- _REQUIREMENT_
Where the records below reach the line containing "#95=ORIENTED_EDGE('',*,*,#94,.F.);", start transcribing, and end with the line containing "#104=ORIENTED_EDGE('',*,*,#88,.T.);", exactly and with nothing else added.

------------------------------------------------

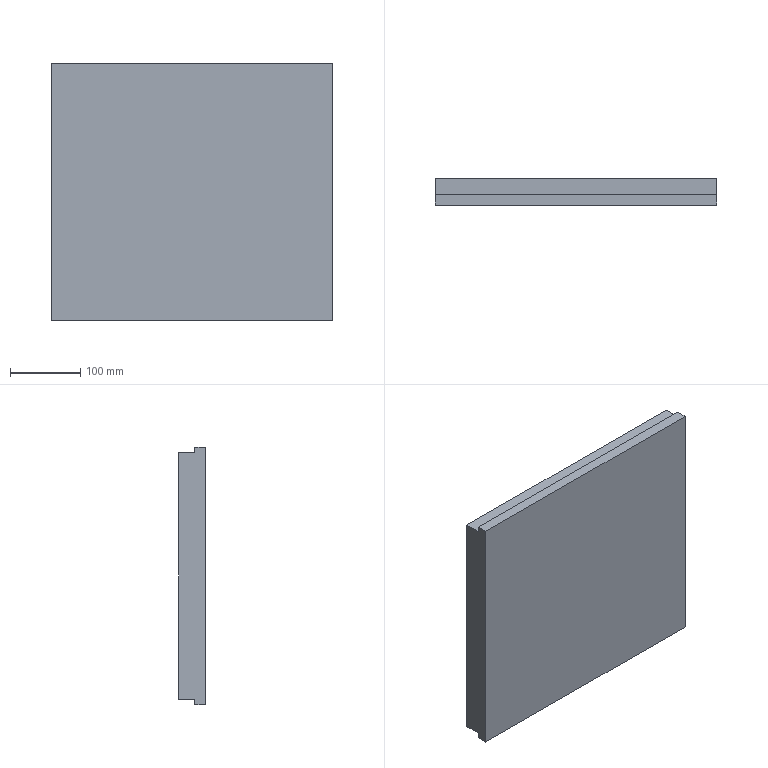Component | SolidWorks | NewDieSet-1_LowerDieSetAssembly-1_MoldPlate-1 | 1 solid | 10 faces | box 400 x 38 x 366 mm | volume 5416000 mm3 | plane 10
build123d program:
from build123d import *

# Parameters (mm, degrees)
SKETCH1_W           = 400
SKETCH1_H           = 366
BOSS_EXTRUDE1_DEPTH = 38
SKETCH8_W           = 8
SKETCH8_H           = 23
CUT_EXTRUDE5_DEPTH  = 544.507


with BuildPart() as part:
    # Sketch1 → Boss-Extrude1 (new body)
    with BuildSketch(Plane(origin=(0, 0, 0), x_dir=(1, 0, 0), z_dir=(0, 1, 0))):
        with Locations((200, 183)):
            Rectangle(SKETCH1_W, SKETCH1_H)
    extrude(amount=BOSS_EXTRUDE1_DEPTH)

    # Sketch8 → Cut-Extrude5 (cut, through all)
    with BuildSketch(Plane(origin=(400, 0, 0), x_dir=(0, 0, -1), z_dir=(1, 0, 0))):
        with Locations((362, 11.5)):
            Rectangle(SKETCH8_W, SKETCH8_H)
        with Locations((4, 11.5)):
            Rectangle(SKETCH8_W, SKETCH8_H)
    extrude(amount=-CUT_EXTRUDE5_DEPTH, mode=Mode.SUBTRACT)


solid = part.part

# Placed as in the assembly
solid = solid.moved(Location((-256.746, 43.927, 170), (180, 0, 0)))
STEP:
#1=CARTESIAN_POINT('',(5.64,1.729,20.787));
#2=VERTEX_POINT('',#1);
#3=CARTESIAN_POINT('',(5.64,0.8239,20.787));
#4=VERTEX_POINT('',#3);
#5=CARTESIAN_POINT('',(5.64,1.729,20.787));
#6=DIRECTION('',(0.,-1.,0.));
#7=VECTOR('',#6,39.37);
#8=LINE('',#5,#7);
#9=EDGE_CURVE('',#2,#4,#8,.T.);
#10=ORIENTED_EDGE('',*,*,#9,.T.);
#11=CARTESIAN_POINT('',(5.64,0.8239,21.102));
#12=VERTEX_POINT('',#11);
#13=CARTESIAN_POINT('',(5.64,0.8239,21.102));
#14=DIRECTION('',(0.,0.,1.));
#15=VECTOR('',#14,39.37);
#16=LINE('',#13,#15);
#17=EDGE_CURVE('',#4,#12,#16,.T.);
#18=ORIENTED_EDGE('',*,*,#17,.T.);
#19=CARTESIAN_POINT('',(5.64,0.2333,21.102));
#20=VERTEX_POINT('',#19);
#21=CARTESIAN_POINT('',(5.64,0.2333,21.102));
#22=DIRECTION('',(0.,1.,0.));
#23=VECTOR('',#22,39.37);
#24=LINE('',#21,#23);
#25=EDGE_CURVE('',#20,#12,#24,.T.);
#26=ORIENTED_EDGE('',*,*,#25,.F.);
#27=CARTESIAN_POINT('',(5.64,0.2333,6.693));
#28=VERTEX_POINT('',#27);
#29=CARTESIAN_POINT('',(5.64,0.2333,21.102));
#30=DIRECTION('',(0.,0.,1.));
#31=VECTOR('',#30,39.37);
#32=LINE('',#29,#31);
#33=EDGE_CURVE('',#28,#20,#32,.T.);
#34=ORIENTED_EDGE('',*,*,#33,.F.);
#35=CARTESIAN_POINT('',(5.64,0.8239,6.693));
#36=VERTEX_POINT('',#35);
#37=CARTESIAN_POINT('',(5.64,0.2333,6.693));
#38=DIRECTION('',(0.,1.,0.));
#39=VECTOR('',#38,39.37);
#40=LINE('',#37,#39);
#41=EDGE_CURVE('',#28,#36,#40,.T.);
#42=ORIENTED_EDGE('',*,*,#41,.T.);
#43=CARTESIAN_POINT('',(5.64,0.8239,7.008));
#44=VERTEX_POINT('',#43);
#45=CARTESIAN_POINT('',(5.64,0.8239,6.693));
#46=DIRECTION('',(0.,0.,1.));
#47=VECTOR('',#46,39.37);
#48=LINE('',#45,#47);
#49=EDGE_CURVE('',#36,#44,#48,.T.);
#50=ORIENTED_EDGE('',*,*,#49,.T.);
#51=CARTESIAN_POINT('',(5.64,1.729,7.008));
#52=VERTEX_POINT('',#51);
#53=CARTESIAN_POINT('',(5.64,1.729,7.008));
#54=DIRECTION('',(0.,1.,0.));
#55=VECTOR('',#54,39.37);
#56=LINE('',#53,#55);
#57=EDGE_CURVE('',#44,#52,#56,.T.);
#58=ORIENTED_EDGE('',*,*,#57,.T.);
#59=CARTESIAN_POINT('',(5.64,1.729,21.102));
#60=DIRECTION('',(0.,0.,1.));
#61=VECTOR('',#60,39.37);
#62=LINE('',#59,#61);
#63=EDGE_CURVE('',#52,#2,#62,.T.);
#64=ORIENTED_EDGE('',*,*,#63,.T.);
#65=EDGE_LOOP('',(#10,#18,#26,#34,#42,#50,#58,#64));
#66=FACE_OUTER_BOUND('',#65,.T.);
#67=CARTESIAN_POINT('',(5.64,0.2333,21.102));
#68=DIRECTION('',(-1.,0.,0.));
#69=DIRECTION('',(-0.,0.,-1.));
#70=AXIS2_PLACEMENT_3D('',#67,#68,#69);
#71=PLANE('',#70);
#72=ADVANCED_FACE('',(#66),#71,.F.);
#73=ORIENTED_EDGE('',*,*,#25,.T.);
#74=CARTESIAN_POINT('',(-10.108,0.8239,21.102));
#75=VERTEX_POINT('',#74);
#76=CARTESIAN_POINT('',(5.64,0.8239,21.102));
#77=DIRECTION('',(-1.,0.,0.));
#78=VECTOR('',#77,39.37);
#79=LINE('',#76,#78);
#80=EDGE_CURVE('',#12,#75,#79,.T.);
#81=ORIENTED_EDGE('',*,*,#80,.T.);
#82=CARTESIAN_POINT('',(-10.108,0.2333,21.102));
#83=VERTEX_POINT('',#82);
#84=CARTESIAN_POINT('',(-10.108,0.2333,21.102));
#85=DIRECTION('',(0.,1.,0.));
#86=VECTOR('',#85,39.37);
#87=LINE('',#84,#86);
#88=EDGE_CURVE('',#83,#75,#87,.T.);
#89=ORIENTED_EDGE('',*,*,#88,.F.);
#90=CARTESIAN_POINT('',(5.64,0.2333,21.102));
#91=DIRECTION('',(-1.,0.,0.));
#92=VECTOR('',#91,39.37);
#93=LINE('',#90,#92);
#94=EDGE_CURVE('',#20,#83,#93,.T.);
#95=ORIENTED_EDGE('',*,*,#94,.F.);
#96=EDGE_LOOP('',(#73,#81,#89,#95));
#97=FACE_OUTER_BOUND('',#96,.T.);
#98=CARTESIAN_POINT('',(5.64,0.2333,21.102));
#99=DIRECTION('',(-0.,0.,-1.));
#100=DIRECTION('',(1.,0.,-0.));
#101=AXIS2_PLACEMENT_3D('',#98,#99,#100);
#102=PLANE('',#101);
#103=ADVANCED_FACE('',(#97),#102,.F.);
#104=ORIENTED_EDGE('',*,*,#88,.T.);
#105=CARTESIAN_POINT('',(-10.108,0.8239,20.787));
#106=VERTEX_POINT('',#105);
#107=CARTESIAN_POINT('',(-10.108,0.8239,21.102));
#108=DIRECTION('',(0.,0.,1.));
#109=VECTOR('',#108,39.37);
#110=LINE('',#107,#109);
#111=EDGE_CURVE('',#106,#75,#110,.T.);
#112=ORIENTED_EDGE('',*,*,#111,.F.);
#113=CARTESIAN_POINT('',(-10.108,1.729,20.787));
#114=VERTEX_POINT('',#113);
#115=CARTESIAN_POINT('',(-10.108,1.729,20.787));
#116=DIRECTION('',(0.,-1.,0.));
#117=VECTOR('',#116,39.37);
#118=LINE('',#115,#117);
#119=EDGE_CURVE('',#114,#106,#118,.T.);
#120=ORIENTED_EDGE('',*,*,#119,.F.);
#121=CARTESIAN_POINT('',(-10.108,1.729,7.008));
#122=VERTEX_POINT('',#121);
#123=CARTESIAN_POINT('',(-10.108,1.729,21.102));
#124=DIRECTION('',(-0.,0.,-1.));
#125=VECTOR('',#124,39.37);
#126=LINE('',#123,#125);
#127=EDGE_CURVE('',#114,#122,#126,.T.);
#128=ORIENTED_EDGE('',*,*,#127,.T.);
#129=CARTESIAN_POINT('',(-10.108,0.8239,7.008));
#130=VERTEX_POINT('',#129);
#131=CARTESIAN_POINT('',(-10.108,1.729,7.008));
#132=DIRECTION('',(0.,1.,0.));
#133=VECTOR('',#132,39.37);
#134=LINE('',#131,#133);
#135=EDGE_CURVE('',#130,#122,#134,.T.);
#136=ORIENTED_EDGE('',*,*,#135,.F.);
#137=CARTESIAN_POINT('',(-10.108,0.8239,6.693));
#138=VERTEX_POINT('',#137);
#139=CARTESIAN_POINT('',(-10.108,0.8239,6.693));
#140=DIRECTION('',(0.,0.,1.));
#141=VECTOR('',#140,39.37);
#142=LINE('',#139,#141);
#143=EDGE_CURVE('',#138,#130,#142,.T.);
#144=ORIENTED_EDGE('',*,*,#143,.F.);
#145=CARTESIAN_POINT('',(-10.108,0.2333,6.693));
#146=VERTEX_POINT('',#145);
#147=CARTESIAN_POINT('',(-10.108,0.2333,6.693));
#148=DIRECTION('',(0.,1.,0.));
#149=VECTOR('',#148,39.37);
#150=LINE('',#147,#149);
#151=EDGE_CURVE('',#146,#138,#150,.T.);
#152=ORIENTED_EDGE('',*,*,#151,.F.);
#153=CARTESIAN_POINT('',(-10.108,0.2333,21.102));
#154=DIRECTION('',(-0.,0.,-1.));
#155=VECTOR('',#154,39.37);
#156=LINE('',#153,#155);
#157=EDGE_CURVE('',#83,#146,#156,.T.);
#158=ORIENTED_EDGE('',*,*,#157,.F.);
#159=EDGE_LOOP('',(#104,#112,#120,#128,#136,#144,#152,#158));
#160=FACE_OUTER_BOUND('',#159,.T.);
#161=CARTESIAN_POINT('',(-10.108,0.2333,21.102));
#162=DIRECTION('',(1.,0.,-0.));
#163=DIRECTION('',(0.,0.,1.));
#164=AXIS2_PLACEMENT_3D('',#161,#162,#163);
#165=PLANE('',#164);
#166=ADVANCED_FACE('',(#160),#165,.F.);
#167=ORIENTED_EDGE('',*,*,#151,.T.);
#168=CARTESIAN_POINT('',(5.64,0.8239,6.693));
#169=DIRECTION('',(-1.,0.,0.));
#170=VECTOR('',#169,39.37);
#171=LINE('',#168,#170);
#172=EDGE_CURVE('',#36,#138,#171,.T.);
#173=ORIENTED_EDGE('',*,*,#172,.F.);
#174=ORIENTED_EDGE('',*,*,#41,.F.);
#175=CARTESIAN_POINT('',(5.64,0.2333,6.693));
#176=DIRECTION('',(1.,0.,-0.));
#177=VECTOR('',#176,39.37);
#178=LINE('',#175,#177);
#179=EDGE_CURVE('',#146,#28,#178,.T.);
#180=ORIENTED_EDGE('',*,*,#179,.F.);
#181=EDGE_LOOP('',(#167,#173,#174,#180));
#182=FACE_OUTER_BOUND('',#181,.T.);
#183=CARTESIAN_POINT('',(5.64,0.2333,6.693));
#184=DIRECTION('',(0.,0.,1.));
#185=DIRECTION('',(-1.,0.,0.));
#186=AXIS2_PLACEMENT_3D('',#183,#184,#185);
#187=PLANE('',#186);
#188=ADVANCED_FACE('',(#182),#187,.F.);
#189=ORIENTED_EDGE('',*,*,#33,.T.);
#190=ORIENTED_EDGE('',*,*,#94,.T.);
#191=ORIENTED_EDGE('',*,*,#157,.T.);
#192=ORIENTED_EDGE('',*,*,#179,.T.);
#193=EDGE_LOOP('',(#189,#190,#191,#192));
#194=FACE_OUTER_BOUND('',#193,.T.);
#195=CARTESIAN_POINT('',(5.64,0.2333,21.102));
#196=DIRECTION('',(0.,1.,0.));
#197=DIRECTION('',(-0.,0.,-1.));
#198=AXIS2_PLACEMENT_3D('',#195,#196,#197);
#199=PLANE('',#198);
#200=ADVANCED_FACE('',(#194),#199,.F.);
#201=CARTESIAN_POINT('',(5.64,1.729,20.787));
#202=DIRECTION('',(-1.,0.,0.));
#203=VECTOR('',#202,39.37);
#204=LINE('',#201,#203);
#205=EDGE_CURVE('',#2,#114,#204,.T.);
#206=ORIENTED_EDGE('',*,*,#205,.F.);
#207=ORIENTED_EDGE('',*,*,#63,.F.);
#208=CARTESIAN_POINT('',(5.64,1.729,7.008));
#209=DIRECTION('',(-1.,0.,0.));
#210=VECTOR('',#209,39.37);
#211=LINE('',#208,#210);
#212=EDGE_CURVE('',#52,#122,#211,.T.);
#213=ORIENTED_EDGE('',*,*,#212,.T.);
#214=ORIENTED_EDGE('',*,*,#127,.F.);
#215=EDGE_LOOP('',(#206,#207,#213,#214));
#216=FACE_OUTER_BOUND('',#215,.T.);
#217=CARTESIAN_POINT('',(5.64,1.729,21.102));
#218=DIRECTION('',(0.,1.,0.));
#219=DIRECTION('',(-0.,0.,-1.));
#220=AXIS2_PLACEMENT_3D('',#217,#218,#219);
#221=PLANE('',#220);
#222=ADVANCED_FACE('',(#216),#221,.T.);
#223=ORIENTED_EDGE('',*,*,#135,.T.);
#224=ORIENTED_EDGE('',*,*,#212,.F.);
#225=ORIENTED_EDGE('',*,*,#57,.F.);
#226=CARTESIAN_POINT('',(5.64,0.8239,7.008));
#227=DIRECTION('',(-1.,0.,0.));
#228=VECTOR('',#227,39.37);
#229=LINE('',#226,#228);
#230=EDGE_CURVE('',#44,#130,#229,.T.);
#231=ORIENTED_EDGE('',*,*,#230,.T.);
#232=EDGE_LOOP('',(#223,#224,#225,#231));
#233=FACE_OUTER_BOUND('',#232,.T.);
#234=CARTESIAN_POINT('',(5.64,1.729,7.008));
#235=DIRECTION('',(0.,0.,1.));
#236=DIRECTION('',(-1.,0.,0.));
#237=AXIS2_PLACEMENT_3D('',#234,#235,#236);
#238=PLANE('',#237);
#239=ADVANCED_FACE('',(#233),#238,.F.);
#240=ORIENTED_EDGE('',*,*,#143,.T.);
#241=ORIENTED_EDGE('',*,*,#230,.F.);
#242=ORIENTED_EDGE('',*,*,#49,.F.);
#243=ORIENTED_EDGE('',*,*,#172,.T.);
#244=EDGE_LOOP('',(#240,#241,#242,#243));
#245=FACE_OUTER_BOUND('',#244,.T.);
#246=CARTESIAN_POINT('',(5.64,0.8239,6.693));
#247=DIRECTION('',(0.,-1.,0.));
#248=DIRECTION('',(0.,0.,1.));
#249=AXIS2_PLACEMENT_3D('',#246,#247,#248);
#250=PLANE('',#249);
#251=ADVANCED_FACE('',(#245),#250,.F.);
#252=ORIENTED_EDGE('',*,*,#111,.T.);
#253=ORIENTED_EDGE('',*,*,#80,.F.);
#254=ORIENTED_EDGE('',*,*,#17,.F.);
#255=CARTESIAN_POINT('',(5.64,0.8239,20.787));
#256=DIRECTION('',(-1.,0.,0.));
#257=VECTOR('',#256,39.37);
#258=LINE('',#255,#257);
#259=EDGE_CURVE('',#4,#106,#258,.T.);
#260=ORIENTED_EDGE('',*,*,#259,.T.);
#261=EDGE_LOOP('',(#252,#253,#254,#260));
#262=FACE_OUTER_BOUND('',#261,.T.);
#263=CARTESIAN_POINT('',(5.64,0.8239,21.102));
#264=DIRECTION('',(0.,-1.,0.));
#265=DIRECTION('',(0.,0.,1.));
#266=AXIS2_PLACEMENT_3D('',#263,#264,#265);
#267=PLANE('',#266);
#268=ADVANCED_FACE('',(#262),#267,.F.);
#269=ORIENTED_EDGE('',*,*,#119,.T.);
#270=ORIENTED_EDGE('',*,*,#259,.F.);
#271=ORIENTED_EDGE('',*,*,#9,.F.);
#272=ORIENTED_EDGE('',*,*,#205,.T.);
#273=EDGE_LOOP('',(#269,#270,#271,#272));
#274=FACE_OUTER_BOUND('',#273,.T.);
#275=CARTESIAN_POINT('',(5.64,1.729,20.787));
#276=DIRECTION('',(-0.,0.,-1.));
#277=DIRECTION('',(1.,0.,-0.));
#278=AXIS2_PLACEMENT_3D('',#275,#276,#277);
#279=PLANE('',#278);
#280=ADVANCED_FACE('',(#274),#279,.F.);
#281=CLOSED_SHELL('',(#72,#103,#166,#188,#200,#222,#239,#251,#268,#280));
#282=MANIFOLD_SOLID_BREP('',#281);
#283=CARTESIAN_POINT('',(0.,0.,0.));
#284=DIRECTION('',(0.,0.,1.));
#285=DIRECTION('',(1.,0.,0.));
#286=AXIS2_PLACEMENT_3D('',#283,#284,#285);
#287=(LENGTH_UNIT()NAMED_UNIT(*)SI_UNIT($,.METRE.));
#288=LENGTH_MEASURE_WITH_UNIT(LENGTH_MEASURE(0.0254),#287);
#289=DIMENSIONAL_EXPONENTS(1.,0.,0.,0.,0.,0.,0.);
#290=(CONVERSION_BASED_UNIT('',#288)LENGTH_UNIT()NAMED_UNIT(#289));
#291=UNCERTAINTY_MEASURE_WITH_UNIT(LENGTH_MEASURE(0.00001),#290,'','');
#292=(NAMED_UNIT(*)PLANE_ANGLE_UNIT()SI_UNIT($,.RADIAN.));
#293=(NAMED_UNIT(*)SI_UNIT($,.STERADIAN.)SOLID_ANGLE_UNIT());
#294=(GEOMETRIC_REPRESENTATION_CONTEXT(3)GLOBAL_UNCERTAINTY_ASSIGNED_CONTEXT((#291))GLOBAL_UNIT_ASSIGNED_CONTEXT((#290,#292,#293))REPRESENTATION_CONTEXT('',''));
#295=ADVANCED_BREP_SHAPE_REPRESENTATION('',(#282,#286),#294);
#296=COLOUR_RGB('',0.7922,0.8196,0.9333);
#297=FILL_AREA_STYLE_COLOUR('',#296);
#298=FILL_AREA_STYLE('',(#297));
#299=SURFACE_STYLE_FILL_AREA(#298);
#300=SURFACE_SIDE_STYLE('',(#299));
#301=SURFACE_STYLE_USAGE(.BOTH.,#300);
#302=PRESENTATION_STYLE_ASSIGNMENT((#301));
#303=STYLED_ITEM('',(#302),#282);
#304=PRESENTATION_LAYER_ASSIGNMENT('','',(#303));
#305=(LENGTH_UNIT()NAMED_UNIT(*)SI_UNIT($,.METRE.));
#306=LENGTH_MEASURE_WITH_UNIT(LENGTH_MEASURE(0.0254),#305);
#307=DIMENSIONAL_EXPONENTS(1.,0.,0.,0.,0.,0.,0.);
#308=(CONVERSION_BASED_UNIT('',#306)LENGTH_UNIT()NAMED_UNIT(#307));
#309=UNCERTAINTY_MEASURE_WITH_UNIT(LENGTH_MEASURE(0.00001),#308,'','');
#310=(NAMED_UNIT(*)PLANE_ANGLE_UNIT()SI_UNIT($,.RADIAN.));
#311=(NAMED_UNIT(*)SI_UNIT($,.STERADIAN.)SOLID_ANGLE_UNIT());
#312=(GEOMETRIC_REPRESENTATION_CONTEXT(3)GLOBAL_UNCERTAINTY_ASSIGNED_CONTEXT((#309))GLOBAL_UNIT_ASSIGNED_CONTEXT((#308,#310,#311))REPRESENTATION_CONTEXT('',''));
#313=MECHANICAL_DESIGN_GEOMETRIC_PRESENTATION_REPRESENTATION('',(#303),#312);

------------------------------------------------

- _ANSWER BOX_
#95=ORIENTED_EDGE('',*,*,#94,.F.);
#96=EDGE_LOOP('',(#73,#81,#89,#95));
#97=FACE_OUTER_BOUND('',#96,.T.);
#98=CARTESIAN_POINT('',(5.64,0.2333,21.102));
#99=DIRECTION('',(-0.,0.,-1.));
#100=DIRECTION('',(1.,0.,-0.));
#101=AXIS2_PLACEMENT_3D('',#98,#99,#100);
#102=PLANE('',#101);
#103=ADVANCED_FACE('',(#97),#102,.F.);
#104=ORIENTED_EDGE('',*,*,#88,.T.);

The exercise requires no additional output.